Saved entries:
=== Begin Enclosure ===

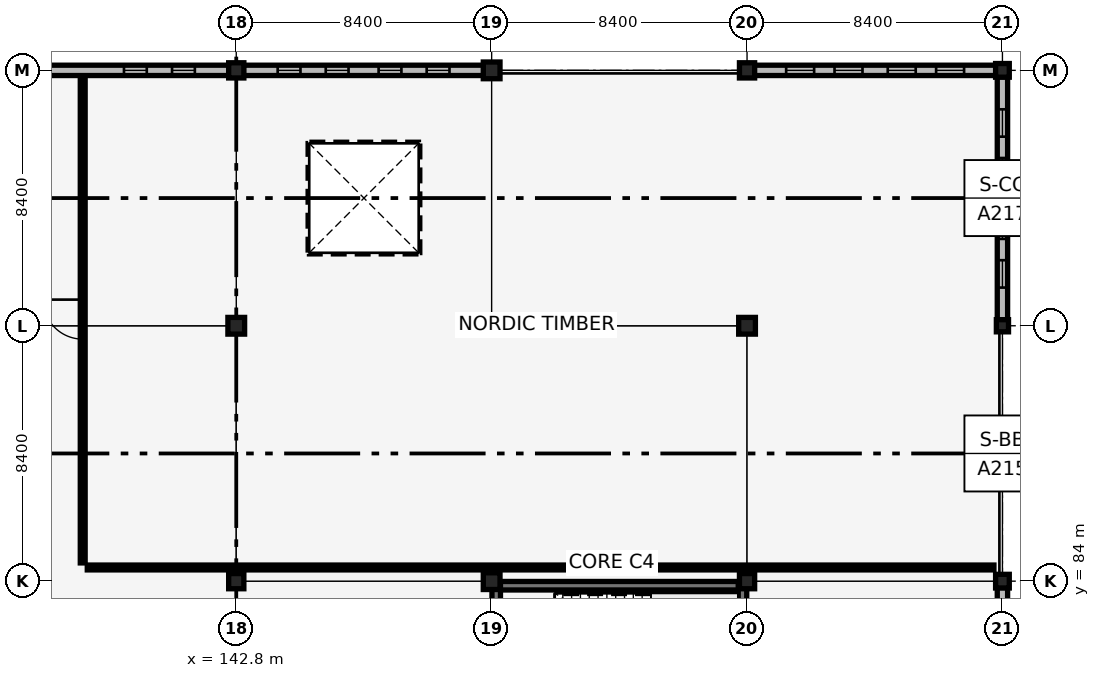
"""IFC4 building model, lengths in metres.
Left out: names, types, materials, properties, quantities, classifications, styles, units other than length and angle.
Written with IfcOpenShell. Run it as: python <this file> out.ifc"""

import sys

from ifc_helpers import new_model, si_unit, direction, frame, frame_2d, origin, origin_2d, place, context, subcontext, project, spatial, rectangle, extrude, element, fill, save


model = new_model("IFC4")
c1 = context("Model", 3, precision=1e-05, world=origin(), true_north=direction((0.0, 1.0)))
c2 = subcontext(c1, "Body", "Model", "MODEL_VIEW")
j1 = project(units=[si_unit("LENGTHUNIT", "METRE"), si_unit("PLANEANGLEUNIT", "RADIAN")], contexts=[c1])
p1 = place(None, origin())
s1 = spatial("IfcSite", under=j1, at=p1, CompositionType="ELEMENT")
p2 = place(p1, origin())
s2 = spatial("IfcBuilding", under=s1, at=p2, CompositionType="ELEMENT")
p3 = place(p2, frame((0.0, 0.0, 22.1)))
s3 = spatial("IfcBuildingStorey", under=s2, at=p3, CompositionType="ELEMENT", Elevation=22.1)
p4 = place(p3, frame((151.35, 83.85, 0.0), z_axis=(0.0, 0.0, 1.0), x_axis=(1.0, 0.0, 0.0)))
e1 = element("IfcWall", 1, at=p4, inside=s3, PredefinedType="SHEAR", context=c2, shape_type="SweptSolid", body=[
    extrude(rectangle(XDim=8.1, YDim=0.28, at=frame_2d((4.05, 0.0))), origin(), (0.0, 0.0, 1.0), 3.78),
])
p5 = place(p3, frame((151.35, 75.75, 0.0), z_axis=(0.0, 0.0, 1.0), x_axis=(0.0, 1.0, 0.0)))
e2 = element("IfcWall", 2, at=p5, inside=s3, PredefinedType="SHEAR", context=c2, shape_type="SweptSolid", body=[
    extrude(rectangle(XDim=8.1, YDim=0.28, at=frame_2d((4.05, 0.0))), origin(), (0.0, 0.0, 1.0), 3.78),
])
p6 = place(p5, frame((1.325, 0.0, 0.0)))
e3 = element("IfcOpeningElement", 3, at=p6, cuts=e2, PredefinedType="OPENING", context=c2, shape_type="SweptSolid", body=[
    extrude(rectangle(XDim=1.45, YDim=2.15, at=frame_2d((0.725, 1.075))), frame((0.0, 0.15, 0.0), z_axis=(0.0, -1.0, 0.0), x_axis=(1.0, 0.0, 0.0)), (0.0, 0.0, 1.0), 0.3),
])
p7 = place(p3, frame((159.45, 75.75, 0.0), z_axis=(0.0, 0.0, 1.0), x_axis=(0.0, 1.0, 0.0)))
e4 = element("IfcWall", 4, at=p7, inside=s3, PredefinedType="SHEAR", context=c2, shape_type="SweptSolid", body=[
    extrude(rectangle(XDim=8.1, YDim=0.28, at=frame_2d((4.05, 0.0))), origin(), (0.0, 0.0, 1.0), 3.78),
])
p8 = place(p3, frame((142.8, 84.0, 0.0), z_axis=(0.0, 0.0, 1.0), x_axis=(1.0, 0.0, 0.0)))
e5 = element("IfcColumn", 5, at=p8, inside=s3, PredefinedType="COLUMN", context=c2, shape_type="SweptSolid", body=[
    extrude(rectangle(XDim=0.5, YDim=0.5, at=origin_2d()), origin(), (0.0, 0.0, 1.0), 3.78),
])
p9 = place(p3, frame((142.8, 92.4, 0.0), z_axis=(0.0, 0.0, 1.0), x_axis=(1.0, 0.0, 0.0)))
e6 = element("IfcColumn", 6, at=p9, inside=s3, PredefinedType="COLUMN", context=c2, shape_type="SweptSolid", body=[
    extrude(rectangle(XDim=0.55, YDim=0.55, at=origin_2d()), origin(), (0.0, 0.0, 1.0), 3.78),
])
p10 = place(p3, frame((142.8, 100.8, 0.0), z_axis=(0.0, 0.0, 1.0), x_axis=(1.0, 0.0, 0.0)))
e7 = element("IfcColumn", 7, at=p10, inside=s3, PredefinedType="COLUMN", context=c2, shape_type="SweptSolid", body=[
    extrude(rectangle(XDim=0.5, YDim=0.5, at=origin_2d()), origin(), (0.0, 0.0, 1.0), 3.78),
])
p11 = place(p3, frame((151.2, 84.0, 0.0), z_axis=(0.0, 0.0, 1.0), x_axis=(1.0, 0.0, 0.0)))
e8 = element("IfcColumn", 8, at=p11, inside=s3, PredefinedType="COLUMN", context=c2, shape_type="SweptSolid", body=[
    extrude(rectangle(XDim=0.55, YDim=0.55, at=origin_2d()), origin(), (0.0, 0.0, 1.0), 3.78),
])
p12 = place(p3, frame((151.2, 92.4, 0.0), z_axis=(0.0, 0.0, 1.0), x_axis=(1.0, 0.0, 0.0)))
e9 = element("IfcColumn", 9, at=p12, inside=s3, PredefinedType="COLUMN", context=c2, shape_type="SweptSolid", body=[
    extrude(rectangle(XDim=0.52, YDim=0.52, at=origin_2d()), origin(), (0.0, 0.0, 1.0), 3.78),
])
p13 = place(p3, frame((151.2, 100.8, 0.0), z_axis=(0.0, 0.0, 1.0), x_axis=(1.0, 0.0, 0.0)))
e10 = element("IfcColumn", 10, at=p13, inside=s3, PredefinedType="COLUMN", context=c2, shape_type="SweptSolid", body=[
    extrude(rectangle(XDim=0.55, YDim=0.55, at=origin_2d()), origin(), (0.0, 0.0, 1.0), 3.78),
])
p14 = place(p3, frame((159.6, 84.0, 0.0), z_axis=(0.0, 0.0, 1.0), x_axis=(1.0, 0.0, 0.0)))
e11 = element("IfcColumn", 11, at=p14, inside=s3, PredefinedType="COLUMN", context=c2, shape_type="SweptSolid", body=[
    extrude(rectangle(XDim=0.5, YDim=0.5, at=origin_2d()), origin(), (0.0, 0.0, 1.0), 3.78),
])
p15 = place(p3, frame((159.6, 92.4, 0.0), z_axis=(0.0, 0.0, 1.0), x_axis=(1.0, 0.0, 0.0)))
e12 = element("IfcColumn", 12, at=p15, inside=s3, PredefinedType="COLUMN", context=c2, shape_type="SweptSolid", body=[
    extrude(rectangle(XDim=0.55, YDim=0.55, at=origin_2d()), origin(), (0.0, 0.0, 1.0), 3.78),
])
p16 = place(p3, frame((159.6, 100.8, 0.0), z_axis=(0.0, 0.0, 1.0), x_axis=(1.0, 0.0, 0.0)))
e13 = element("IfcColumn", 13, at=p16, inside=s3, PredefinedType="COLUMN", context=c2, shape_type="SweptSolid", body=[
    extrude(rectangle(XDim=0.5, YDim=0.5, at=origin_2d()), origin(), (0.0, 0.0, 1.0), 3.78),
])
p17 = place(p3, frame((168.0, 84.0, 0.0), z_axis=(0.0, 0.0, 1.0), x_axis=(1.0, 0.0, 0.0)))
e14 = element("IfcColumn", 14, at=p17, inside=s3, PredefinedType="COLUMN", context=c2, shape_type="SweptSolid", body=[
    extrude(rectangle(XDim=0.45, YDim=0.45, at=origin_2d()), origin(), (0.0, 0.0, 1.0), 3.78),
])
p18 = place(p3, frame((168.0, 92.4, 0.0), z_axis=(0.0, 0.0, 1.0), x_axis=(1.0, 0.0, 0.0)))
e15 = element("IfcColumn", 15, at=p18, inside=s3, PredefinedType="COLUMN", context=c2, shape_type="SweptSolid", body=[
    extrude(rectangle(XDim=0.4, YDim=0.4, at=origin_2d()), origin(), (0.0, 0.0, 1.0), 3.78),
])
p19 = place(p3, frame((168.0, 100.8, 0.0), z_axis=(0.0, 0.0, 1.0), x_axis=(1.0, 0.0, 0.0)))
e16 = element("IfcColumn", 16, at=p19, inside=s3, PredefinedType="COLUMN", context=c2, shape_type="SweptSolid", body=[
    extrude(rectangle(XDim=0.45, YDim=0.45, at=origin_2d()), origin(), (0.0, 0.0, 1.0), 3.78),
])
p20 = place(p3, frame((134.66, 100.8, 0.0), z_axis=(0.0, 0.0, 1.0), x_axis=(1.0, 0.0, 0.0)))
e17 = element("IfcWall", 17, at=p20, inside=s3, PredefinedType="SOLIDWALL", context=c2, shape_type="SweptSolid", body=[
    extrude(rectangle(XDim=7.905, YDim=0.34, at=frame_2d((3.953, 0.0))), origin(), (0.0, 0.0, 1.0), 3.18),
])
p21 = place(p20, frame((1.127, 0.0, 0.7)))
e18 = element("IfcOpeningElement", 18, at=p21, cuts=e17, PredefinedType="OPENING", context=c2, shape_type="SweptSolid", body=[
    extrude(rectangle(XDim=0.75, YDim=2.1, at=frame_2d((0.375, 1.05))), frame((0.0, 0.18, 0.0), z_axis=(0.0, -1.0, 0.0), x_axis=(1.0, 0.0, 0.0)), (0.0, 0.0, 1.0), 0.36),
])
p22 = place(p20, frame((4.447, 0.0, 0.7)))
e19 = element("IfcOpeningElement", 19, at=p22, cuts=e17, PredefinedType="OPENING", context=c2, shape_type="SweptSolid", body=[
    extrude(rectangle(XDim=0.75, YDim=2.1, at=frame_2d((0.375, 1.05))), frame((0.0, 0.18, 0.0), z_axis=(0.0, -1.0, 0.0), x_axis=(1.0, 0.0, 0.0)), (0.0, 0.0, 1.0), 0.36),
])
p23 = place(p20, frame((6.028, 0.0, 0.7)))
e20 = element("IfcOpeningElement", 20, at=p23, cuts=e17, PredefinedType="OPENING", context=c2, shape_type="SweptSolid", body=[
    extrude(rectangle(XDim=0.75, YDim=2.1, at=frame_2d((0.375, 1.05))), frame((0.0, 0.18, 0.0), z_axis=(0.0, -1.0, 0.0), x_axis=(1.0, 0.0, 0.0)), (0.0, 0.0, 1.0), 0.36),
])
p24 = place(p3, frame((143.035, 100.8, 0.0), z_axis=(0.0, 0.0, 1.0), x_axis=(1.0, 0.0, 0.0)))
e21 = element("IfcWall", 21, at=p24, inside=s3, PredefinedType="SOLIDWALL", context=c2, shape_type="SweptSolid", body=[
    extrude(rectangle(XDim=7.905, YDim=0.34, at=frame_2d((3.953, 0.0))), origin(), (0.0, 0.0, 1.0), 3.18),
])
p25 = place(p24, frame((1.127, 0.0, 0.7)))
e22 = element("IfcOpeningElement", 22, at=p25, cuts=e21, PredefinedType="OPENING", context=c2, shape_type="SweptSolid", body=[
    extrude(rectangle(XDim=0.75, YDim=2.1, at=frame_2d((0.375, 1.05))), frame((0.0, 0.18, 0.0), z_axis=(0.0, -1.0, 0.0), x_axis=(1.0, 0.0, 0.0)), (0.0, 0.0, 1.0), 0.36),
])
p26 = place(p24, frame((2.708, 0.0, 0.7)))
e23 = element("IfcOpeningElement", 23, at=p26, cuts=e21, PredefinedType="OPENING", context=c2, shape_type="SweptSolid", body=[
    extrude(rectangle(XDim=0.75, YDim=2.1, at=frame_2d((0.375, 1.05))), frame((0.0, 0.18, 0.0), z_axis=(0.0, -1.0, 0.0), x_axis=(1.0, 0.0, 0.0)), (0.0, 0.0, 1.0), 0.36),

=== End Enclosure ===

#### What you need to do:
Using the data above, work out how many lines include the word "CompositionType" and give only that number.

#### Written response:
3